> [What is expected]: Of the lines below, write out exactly those from the line with "#150=VECTOR('',#149,39.37);" through the line with "#211=CARTESIAN_POINT('',(2.315,2.59,9.033));", both included, and skip the rest.

> [Data]:
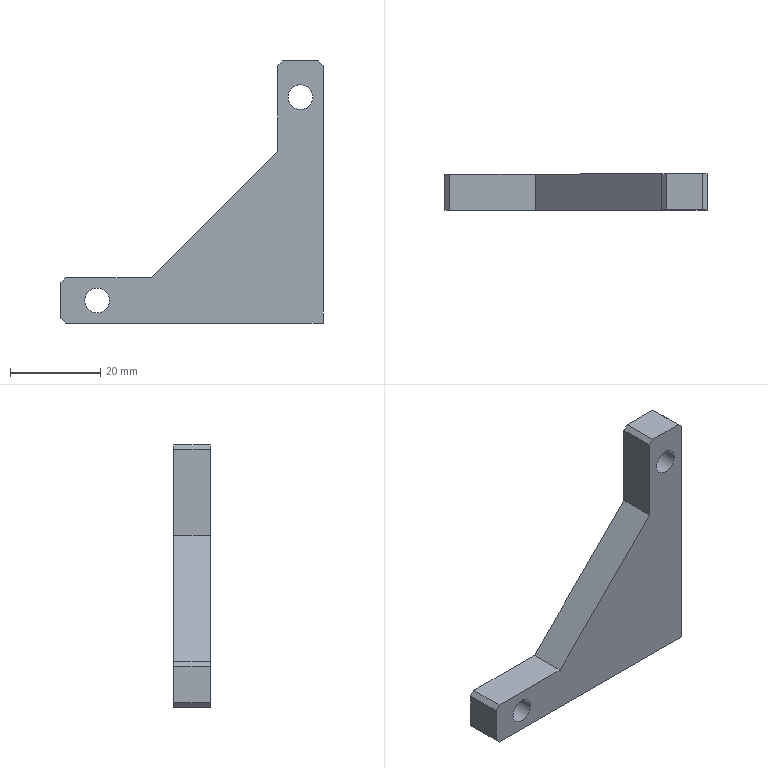Component | SolidWorks | MTCTV2104DJ006-000-0045RibPlate2-1 | 1 solid | 17 faces | box 58 x 8 x 58 mm | volume 11220 mm3 | plane 13 | cylinder 4 | commonest cylinder face diameters 5.5 x4
build123d program:
from build123d import *

# Parameters (mm, degrees)
SKETCH1_W                  = 8
SKETCH1_H                  = 58
BOSS_EXTRUDE1_DEPTH        = 58
CUT_EXTRUDE1_DEPTH         = 66.338
F_5_5_5_5_DIAMETER_HOLE1_D = 5.5
CHAMFER1_SIZE              = 1


with BuildPart() as part:
    # Sketch1 → Boss-Extrude1 (new body)
    with BuildSketch(Plane(origin=(0, 0, 0), x_dir=(0, 0, -1), z_dir=(1, 0, 0))):
        Rectangle(SKETCH1_W, SKETCH1_H)
    extrude(amount=BOSS_EXTRUDE1_DEPTH)

    # Sketch2 → Cut-Extrude1 (cut, through all)
    with BuildSketch(Plane.XY.offset(4)):
        Polygon((10, 29), (10, 9), (38, -19), (58, -19), (58, 29), align=None)
    extrude(amount=-CUT_EXTRUDE1_DEPTH, mode=Mode.SUBTRACT)

    # 5.5 _5.5_ Diameter Hole1 (through all)
    with Locations(Plane.XY.offset(4)):
        with Locations((5, 21), (50, -24)):
            Hole(F_5_5_5_5_DIAMETER_HOLE1_D / 2)

    # Chamfer1
    chamfer1_edges = [part.edges().sort_by_distance(p)[0] for p in [
        (58, -29, 0),
        (10, 29, 0),
        (58, -19, 0),
        (0, 29, 0),
    ]]
    chamfer(chamfer1_edges, length=CHAMFER1_SIZE)


solid = part.part

# Placed as in the assembly
solid = solid.moved(Location((30.798, 61.781, 171.447), (90, 0, 90)))
STEP:
#1=COLOUR_RGB('',0.7922,0.8196,0.9333);
#2=FILL_AREA_STYLE_COLOUR('',#1);
#3=FILL_AREA_STYLE('',(#2));
#4=SURFACE_STYLE_FILL_AREA(#3);
#5=SURFACE_SIDE_STYLE('',(#4));
#6=SURFACE_STYLE_USAGE(.BOTH.,#5);
#7=PRESENTATION_STYLE_ASSIGNMENT((#6));
#8=CARTESIAN_POINT('',(2.266,2.275,8.718));
#9=VERTEX_POINT('',#8);
#10=CARTESIAN_POINT('',(2.049,2.275,8.718));
#11=VERTEX_POINT('',#10);
#12=CARTESIAN_POINT('',(2.157,2.275,8.718));
#13=DIRECTION('',(-0.,1.,-0.));
#14=DIRECTION('',(-1.,0.,0.));
#15=AXIS2_PLACEMENT_3D('',#12,#13,#14);
#16=CIRCLE('',#15,0.1083);
#17=EDGE_CURVE('',#9,#11,#16,.T.);
#18=ORIENTED_EDGE('',*,*,#17,.F.);
#19=CARTESIAN_POINT('',(2.266,2.59,8.718));
#20=VERTEX_POINT('',#19);
#21=CARTESIAN_POINT('',(2.266,2.59,8.718));
#22=DIRECTION('',(-0.,1.,-0.));
#23=VECTOR('',#22,39.37);
#24=LINE('',#21,#23);
#25=EDGE_CURVE('',#9,#20,#24,.T.);
#26=ORIENTED_EDGE('',*,*,#25,.T.);
#27=CARTESIAN_POINT('',(2.049,2.59,8.718));
#28=VERTEX_POINT('',#27);
#29=CARTESIAN_POINT('',(2.157,2.59,8.718));
#30=DIRECTION('',(-0.,1.,-0.));
#31=DIRECTION('',(-1.,0.,0.));
#32=AXIS2_PLACEMENT_3D('',#29,#30,#31);
#33=CIRCLE('',#32,0.1083);
#34=EDGE_CURVE('',#20,#28,#33,.T.);
#35=ORIENTED_EDGE('',*,*,#34,.T.);
#36=CARTESIAN_POINT('',(2.049,2.59,8.718));
#37=DIRECTION('',(-0.,1.,-0.));
#38=VECTOR('',#37,39.37);
#39=LINE('',#36,#38);
#40=EDGE_CURVE('',#11,#28,#39,.T.);
#41=ORIENTED_EDGE('',*,*,#40,.F.);
#42=EDGE_LOOP('',(#18,#26,#35,#41));
#43=FACE_OUTER_BOUND('',#42,.T.);
#44=CARTESIAN_POINT('',(2.157,2.59,8.718));
#45=DIRECTION('',(-0.,1.,-0.));
#46=DIRECTION('',(-1.,0.,0.));
#47=AXIS2_PLACEMENT_3D('',#44,#45,#46);
#48=CYLINDRICAL_SURFACE('',#47,0.1083);
#49=ADVANCED_FACE('',(#43),#48,.F.);
#50=CARTESIAN_POINT('',(0.494,2.275,6.947));
#51=VERTEX_POINT('',#50);
#52=CARTESIAN_POINT('',(0.2775,2.275,6.947));
#53=VERTEX_POINT('',#52);
#54=CARTESIAN_POINT('',(0.3858,2.275,6.947));
#55=DIRECTION('',(-0.,1.,-0.));
#56=DIRECTION('',(-1.,0.,0.));
#57=AXIS2_PLACEMENT_3D('',#54,#55,#56);
#58=CIRCLE('',#57,0.1083);
#59=EDGE_CURVE('',#51,#53,#58,.T.);
#60=ORIENTED_EDGE('',*,*,#59,.F.);
#61=CARTESIAN_POINT('',(0.494,2.59,6.947));
#62=VERTEX_POINT('',#61);
#63=CARTESIAN_POINT('',(0.494,2.59,6.947));
#64=DIRECTION('',(-0.,1.,-0.));
#65=VECTOR('',#64,39.37);
#66=LINE('',#63,#65);
#67=EDGE_CURVE('',#51,#62,#66,.T.);
#68=ORIENTED_EDGE('',*,*,#67,.T.);
#69=CARTESIAN_POINT('',(0.2775,2.59,6.947));
#70=VERTEX_POINT('',#69);
#71=CARTESIAN_POINT('',(0.3858,2.59,6.947));
#72=DIRECTION('',(-0.,1.,-0.));
#73=DIRECTION('',(-1.,0.,0.));
#74=AXIS2_PLACEMENT_3D('',#71,#72,#73);
#75=CIRCLE('',#74,0.1083);
#76=EDGE_CURVE('',#62,#70,#75,.T.);
#77=ORIENTED_EDGE('',*,*,#76,.T.);
#78=CARTESIAN_POINT('',(0.2775,2.59,6.947));
#79=DIRECTION('',(-0.,1.,-0.));
#80=VECTOR('',#79,39.37);
#81=LINE('',#78,#80);
#82=EDGE_CURVE('',#53,#70,#81,.T.);
#83=ORIENTED_EDGE('',*,*,#82,.F.);
#84=EDGE_LOOP('',(#60,#68,#77,#83));
#85=FACE_OUTER_BOUND('',#84,.T.);
#86=CARTESIAN_POINT('',(0.3858,2.59,6.947));
#87=DIRECTION('',(-0.,1.,-0.));
#88=DIRECTION('',(-1.,0.,0.));
#89=AXIS2_PLACEMENT_3D('',#86,#87,#88);
#90=CYLINDRICAL_SURFACE('',#89,0.1083);
#91=ADVANCED_FACE('',(#85),#90,.F.);
#92=CARTESIAN_POINT('',(2.157,2.275,8.718));
#93=DIRECTION('',(-0.,1.,-0.));
#94=DIRECTION('',(-1.,0.,0.));
#95=AXIS2_PLACEMENT_3D('',#92,#93,#94);
#96=CIRCLE('',#95,0.1083);
#97=EDGE_CURVE('',#11,#9,#96,.T.);
#98=ORIENTED_EDGE('',*,*,#97,.T.);
#99=ORIENTED_EDGE('',*,*,#17,.T.);
#100=EDGE_LOOP('',(#98,#99));
#101=FACE_BOUND('',#100,.T.);
#102=CARTESIAN_POINT('',(0.3858,2.275,6.947));
#103=DIRECTION('',(-0.,1.,-0.));
#104=DIRECTION('',(-1.,0.,0.));
#105=AXIS2_PLACEMENT_3D('',#102,#103,#104);
#106=CIRCLE('',#105,0.1083);
#107=EDGE_CURVE('',#53,#51,#106,.T.);
#108=ORIENTED_EDGE('',*,*,#107,.T.);
#109=ORIENTED_EDGE('',*,*,#59,.T.);
#110=EDGE_LOOP('',(#108,#109));
#111=FACE_BOUND('',#110,.T.);
#112=CARTESIAN_POINT('',(0.07081,2.275,6.789));
#113=VERTEX_POINT('',#112);
#114=CARTESIAN_POINT('',(0.07081,2.275,7.104));
#115=VERTEX_POINT('',#114);
#116=CARTESIAN_POINT('',(0.07081,2.275,6.75));
#117=DIRECTION('',(-0.,0.,1.));
#118=VECTOR('',#117,39.37);
#119=LINE('',#116,#118);
#120=EDGE_CURVE('',#113,#115,#119,.T.);
#121=ORIENTED_EDGE('',*,*,#120,.F.);
#122=CARTESIAN_POINT('',(0.1102,2.275,6.75));
#123=VERTEX_POINT('',#122);
#124=CARTESIAN_POINT('',(0.07081,2.275,6.789));
#125=DIRECTION('',(0.7071,0.,-0.7071));
#126=VECTOR('',#125,39.37);
#127=LINE('',#124,#126);
#128=EDGE_CURVE('',#113,#123,#127,.T.);
#129=ORIENTED_EDGE('',*,*,#128,.T.);
#130=CARTESIAN_POINT('',(2.354,2.275,6.75));
#131=VERTEX_POINT('',#130);
#132=CARTESIAN_POINT('',(0.07081,2.275,6.75));
#133=DIRECTION('',(1.,0.,0.));
#134=VECTOR('',#133,39.37);
#135=LINE('',#132,#134);
#136=EDGE_CURVE('',#123,#131,#135,.T.);
#137=ORIENTED_EDGE('',*,*,#136,.T.);
#138=CARTESIAN_POINT('',(2.354,2.275,8.994));
#139=VERTEX_POINT('',#138);
#140=CARTESIAN_POINT('',(2.354,2.275,6.75));
#141=DIRECTION('',(-0.,0.,1.));
#142=VECTOR('',#141,39.37);
#143=LINE('',#140,#142);
#144=EDGE_CURVE('',#131,#139,#143,.T.);
#145=ORIENTED_EDGE('',*,*,#144,.T.);
#146=CARTESIAN_POINT('',(2.315,2.275,9.033));
#147=VERTEX_POINT('',#146);
#148=CARTESIAN_POINT('',(2.315,2.275,9.033));
#149=DIRECTION('',(-0.7071,-0.,0.7071));
#150=VECTOR('',#149,39.37);
#151=LINE('',#148,#150);
#152=EDGE_CURVE('',#139,#147,#151,.T.);
#153=ORIENTED_EDGE('',*,*,#152,.T.);
#154=CARTESIAN_POINT('',(2.,2.275,9.033));
#155=VERTEX_POINT('',#154);
#156=CARTESIAN_POINT('',(0.07081,2.275,9.033));
#157=DIRECTION('',(1.,0.,0.));
#158=VECTOR('',#157,39.37);
#159=LINE('',#156,#158);
#160=EDGE_CURVE('',#155,#147,#159,.T.);
#161=ORIENTED_EDGE('',*,*,#160,.F.);
#162=CARTESIAN_POINT('',(1.961,2.275,8.994));
#163=VERTEX_POINT('',#162);
#164=CARTESIAN_POINT('',(1.961,2.275,8.994));
#165=DIRECTION('',(-0.7071,-0.,-0.7071));
#166=VECTOR('',#165,39.37);
#167=LINE('',#164,#166);
#168=EDGE_CURVE('',#155,#163,#167,.T.);
#169=ORIENTED_EDGE('',*,*,#168,.T.);
#170=CARTESIAN_POINT('',(1.961,2.275,8.246));
#171=VERTEX_POINT('',#170);
#172=CARTESIAN_POINT('',(1.961,2.275,9.033));
#173=DIRECTION('',(0.,-0.,-1.));
#174=VECTOR('',#173,39.37);
#175=LINE('',#172,#174);
#176=EDGE_CURVE('',#163,#171,#175,.T.);
#177=ORIENTED_EDGE('',*,*,#176,.T.);
#178=CARTESIAN_POINT('',(0.8582,2.275,7.144));
#179=VERTEX_POINT('',#178);
#180=CARTESIAN_POINT('',(1.961,2.275,8.246));
#181=DIRECTION('',(-0.7071,-0.,-0.7071));
#182=VECTOR('',#181,39.37);
#183=LINE('',#180,#182);
#184=EDGE_CURVE('',#171,#179,#183,.T.);
#185=ORIENTED_EDGE('',*,*,#184,.T.);
#186=CARTESIAN_POINT('',(0.1102,2.275,7.144));
#187=VERTEX_POINT('',#186);
#188=CARTESIAN_POINT('',(0.8582,2.275,7.144));
#189=DIRECTION('',(-1.,-0.,-0.));
#190=VECTOR('',#189,39.37);
#191=LINE('',#188,#190);
#192=EDGE_CURVE('',#179,#187,#191,.T.);
#193=ORIENTED_EDGE('',*,*,#192,.T.);
#194=CARTESIAN_POINT('',(0.07081,2.275,7.104));
#195=DIRECTION('',(-0.7071,-0.,-0.7071));
#196=VECTOR('',#195,39.37);
#197=LINE('',#194,#196);
#198=EDGE_CURVE('',#187,#115,#197,.T.);
#199=ORIENTED_EDGE('',*,*,#198,.T.);
#200=EDGE_LOOP('',(#121,#129,#137,#145,#153,#161,#169,#177,#185,#193,#199));
#201=FACE_OUTER_BOUND('',#200,.T.);
#202=CARTESIAN_POINT('',(0.07081,2.275,6.75));
#203=DIRECTION('',(-0.,1.,-0.));
#204=DIRECTION('',(-1.,-0.,-0.));
#205=AXIS2_PLACEMENT_3D('',#202,#203,#204);
#206=PLANE('',#205);
#207=ADVANCED_FACE('',(#101,#111,#201),#206,.F.);
#208=ORIENTED_EDGE('',*,*,#160,.T.);
#209=CARTESIAN_POINT('',(2.315,2.59,9.033));
#210=VERTEX_POINT('',#209);
#211=CARTESIAN_POINT('',(2.315,2.59,9.033));
#212=DIRECTION('',(-0.,1.,-0.));
#213=VECTOR('',#212,39.37);
#214=LINE('',#211,#213);
#215=EDGE_CURVE('',#147,#210,#214,.T.);
#216=ORIENTED_EDGE('',*,*,#215,.T.);
#217=CARTESIAN_POINT('',(2.,2.59,9.033));
#218=VERTEX_POINT('',#217);
#219=CARTESIAN_POINT('',(0.07081,2.59,9.033));
#220=DIRECTION('',(1.,0.,0.));
#221=VECTOR('',#220,39.37);
#222=LINE('',#219,#221);
#223=EDGE_CURVE('',#218,#210,#222,.T.);
#224=ORIENTED_EDGE('',*,*,#223,.F.);
#225=CARTESIAN_POINT('',(2.,2.59,9.033));
#226=DIRECTION('',(0.,-1.,0.));
#227=VECTOR('',#226,39.37);
#228=LINE('',#225,#227);
#229=EDGE_CURVE('',#218,#155,#228,.T.);
#230=ORIENTED_EDGE('',*,*,#229,.T.);
#231=EDGE_LOOP('',(#208,#216,#224,#230));
#232=FACE_OUTER_BOUND('',#231,.T.);
#233=CARTESIAN_POINT('',(0.07081,2.59,9.033));
#234=DIRECTION('',(0.,-0.,-1.));
#235=DIRECTION('',(0.,-1.,0.));
#236=AXIS2_PLACEMENT_3D('',#233,#234,#235);
#237=PLANE('',#236);
#238=ADVANCED_FACE('',(#232),#237,.F.);
#239=CARTESIAN_POINT('',(2.157,2.59,8.718));
#240=DIRECTION('',(-0.,1.,-0.));
#241=DIRECTION('',(-1.,0.,0.));
#242=AXIS2_PLACEMENT_3D('',#239,#240,#241);
#243=CIRCLE('',#242,0.1083);
#244=EDGE_CURVE('',#28,#20,#243,.T.);
#245=ORIENTED_EDGE('',*,*,#244,.F.);
#246=ORIENTED_EDGE('',*,*,#34,.F.);
#247=EDGE_LOOP('',(#245,#246));
#248=FACE_BOUND('',#247,.T.);
#249=CARTESIAN_POINT('',(0.3858,2.59,6.947));
#250=DIRECTION('',(-0.,1.,-0.));
#251=DIRECTION('',(-1.,0.,0.));
#252=AXIS2_PLACEMENT_3D('',#249,#250,#251);
#253=CIRCLE('',#252,0.1083);
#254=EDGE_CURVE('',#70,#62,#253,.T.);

> [Response below]:
#150=VECTOR('',#149,39.37);
#151=LINE('',#148,#150);
#152=EDGE_CURVE('',#139,#147,#151,.T.);
#153=ORIENTED_EDGE('',*,*,#152,.T.);
#154=CARTESIAN_POINT('',(2.,2.275,9.033));
#155=VERTEX_POINT('',#154);
#156=CARTESIAN_POINT('',(0.07081,2.275,9.033));
#157=DIRECTION('',(1.,0.,0.));
#158=VECTOR('',#157,39.37);
#159=LINE('',#156,#158);
#160=EDGE_CURVE('',#155,#147,#159,.T.);
#161=ORIENTED_EDGE('',*,*,#160,.F.);
#162=CARTESIAN_POINT('',(1.961,2.275,8.994));
#163=VERTEX_POINT('',#162);
#164=CARTESIAN_POINT('',(1.961,2.275,8.994));
#165=DIRECTION('',(-0.7071,-0.,-0.7071));
#166=VECTOR('',#165,39.37);
#167=LINE('',#164,#166);
#168=EDGE_CURVE('',#155,#163,#167,.T.);
#169=ORIENTED_EDGE('',*,*,#168,.T.);
#170=CARTESIAN_POINT('',(1.961,2.275,8.246));
#171=VERTEX_POINT('',#170);
#172=CARTESIAN_POINT('',(1.961,2.275,9.033));
#173=DIRECTION('',(0.,-0.,-1.));
#174=VECTOR('',#173,39.37);
#175=LINE('',#172,#174);
#176=EDGE_CURVE('',#163,#171,#175,.T.);
#177=ORIENTED_EDGE('',*,*,#176,.T.);
#178=CARTESIAN_POINT('',(0.8582,2.275,7.144));
#179=VERTEX_POINT('',#178);
#180=CARTESIAN_POINT('',(1.961,2.275,8.246));
#181=DIRECTION('',(-0.7071,-0.,-0.7071));
#182=VECTOR('',#181,39.37);
#183=LINE('',#180,#182);
#184=EDGE_CURVE('',#171,#179,#183,.T.);
#185=ORIENTED_EDGE('',*,*,#184,.T.);
#186=CARTESIAN_POINT('',(0.1102,2.275,7.144));
#187=VERTEX_POINT('',#186);
#188=CARTESIAN_POINT('',(0.8582,2.275,7.144));
#189=DIRECTION('',(-1.,-0.,-0.));
#190=VECTOR('',#189,39.37);
#191=LINE('',#188,#190);
#192=EDGE_CURVE('',#179,#187,#191,.T.);
#193=ORIENTED_EDGE('',*,*,#192,.T.);
#194=CARTESIAN_POINT('',(0.07081,2.275,7.104));
#195=DIRECTION('',(-0.7071,-0.,-0.7071));
#196=VECTOR('',#195,39.37);
#197=LINE('',#194,#196);
#198=EDGE_CURVE('',#187,#115,#197,.T.);
#199=ORIENTED_EDGE('',*,*,#198,.T.);
#200=EDGE_LOOP('',(#121,#129,#137,#145,#153,#161,#169,#177,#185,#193,#199));
#201=FACE_OUTER_BOUND('',#200,.T.);
#202=CARTESIAN_POINT('',(0.07081,2.275,6.75));
#203=DIRECTION('',(-0.,1.,-0.));
#204=DIRECTION('',(-1.,-0.,-0.));
#205=AXIS2_PLACEMENT_3D('',#202,#203,#204);
#206=PLANE('',#205);
#207=ADVANCED_FACE('',(#101,#111,#201),#206,.F.);
#208=ORIENTED_EDGE('',*,*,#160,.T.);
#209=CARTESIAN_POINT('',(2.315,2.59,9.033));
#210=VERTEX_POINT('',#209);
#211=CARTESIAN_POINT('',(2.315,2.59,9.033));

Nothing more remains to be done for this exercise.